→ **YOUR GOAL**: Among the entries below, find each line holding "Stained" and return it.
+++ EXTRACTED ENTRIES
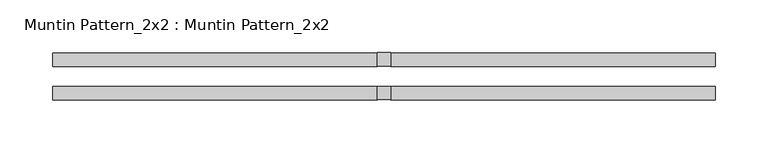
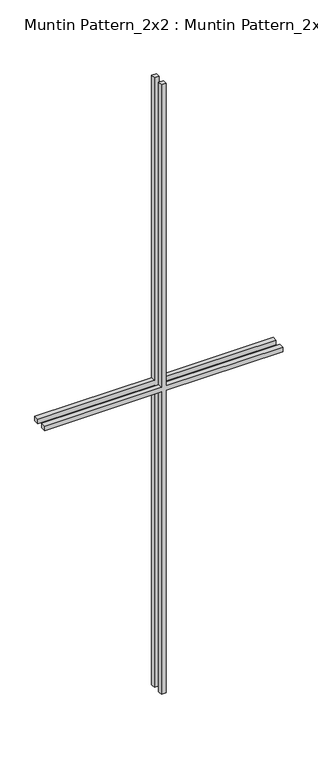
"""IFC4 building model written with IfcOpenShell, lengths in millimetres: proxy geometry, Muntin Pattern_2x2 : Muntin Pattern_2x2."""

from ifc_helpers import new_model, si_unit, frame, origin, place, context, project, spatial, polyline, outline, extrude, source, transform, mapped, element, save


def muntin_pattern_2x2_muntin_pattern_2x2_f6a80940(model_context):
    return source(origin(), model_context, "Body", "SweptSolid", [
        extrude(outline(polyline([(850.9, -6.35), (850.9, -312.7375), (838.2, -312.7375), (838.2, -6.35), (0.0, -6.35), (0.0, 6.35), (838.2, 6.35), (838.2, 312.7375), (850.9, 312.7375), (850.9, 6.35), (1689.1, 6.35), (1689.1, -6.35), (850.9, -6.35)])), frame((0.0, 9.525, 0.0), z_axis=(0.0, 1.0, 0.0), x_axis=(0.0, 0.0, 1.0)), (0.0, 0.0, 1.0), 12.7),
        extrude(outline(polyline([(850.9, -6.35), (850.9, -312.7375), (838.2, -312.7375), (838.2, -6.35), (0.0, -6.35), (0.0, 6.35), (838.2, 6.35), (838.2, 312.7375), (850.9, 312.7375), (850.9, 6.35), (1689.1, 6.35), (1689.1, -6.35), (850.9, -6.35)])), frame((0.0, -22.225, 0.0), z_axis=(0.0, 1.0, 0.0), x_axis=(0.0, 0.0, 1.0)), (0.0, 0.0, 1.0), 12.7),
    ])


if __name__ == "__main__":
    model = new_model("IFC4")
    model_context = context("Model", 3, world=origin())
    ifc_project = project(units=[si_unit("LENGTHUNIT", "METRE", prefix="MILLI")], contexts=[model_context])
    site = spatial("IfcSite", under=ifc_project)
    building = spatial("IfcBuilding", under=site)
    placement = place(None, origin())
    muntin_pattern_2x2_muntin_pattern_2x2_shape = muntin_pattern_2x2_muntin_pattern_2x2_f6a80940(model_context)
    element("IfcBuildingElementProxy", 1, Name="Muntin Pattern_2x2 : Muntin Pattern_2x2", ObjectType="Muntin Pattern_2x2 : Muntin Pattern_2x2", at=placement, inside=building, context=model_context, shape_type="MappedRepresentation", body=[
        mapped(muntin_pattern_2x2_muntin_pattern_2x2_shape, transform((0.0, 0.0, 0.0), x_axis=(1.0, 0.0, 0.0), y_axis=(0.0, 1.0, 0.0), z_axis=(0.0, 0.0, 1.0))),
    ])
    save(model, "model.ifc")

# Revit data of these elements
# Type "Muntin Pattern_2x2 : Muntin Pattern_2x2"
#   Width [instance default] = 4' - 0"
#   Thickness = 0' - 0 1/2"
#   Height [instance default] = 4' - 0"
#   Distance = 0' - 0 3/4"
#   Interior Material [instance default] = none
#   Exterior Material [instance default] = none
#   Default Elevation = 0
# Element 1 (IfcBuildingElementProxy, "Muntin Pattern_2x2 : Muntin Pattern_2x2")
#   Width = 2' - 0 5/8"
#   Height = 5' - 6 1/2"
#   Interior Material = Wood - Stained
#   Exterior Material = Clad - White
#   Materials on its faces: "Clad - White", "Wood - Stained"
# Materials
#   "Clad - White": class "Wood", colour RGB 242 242 238, transparency 0, Cost = 0
#   "Wood - Stained": class "Wood", colour RGB 224 178 126, transparency 0, Cost = 0
++++++
→ **ANSWER TO THE PROBLEM**:
#   Interior Material = Wood - Stained
#   Materials on its faces: "Clad - White", "Wood - Stained"
#   "Wood - Stained": class "Wood", colour RGB 224 178 126, transparency 0, Cost = 0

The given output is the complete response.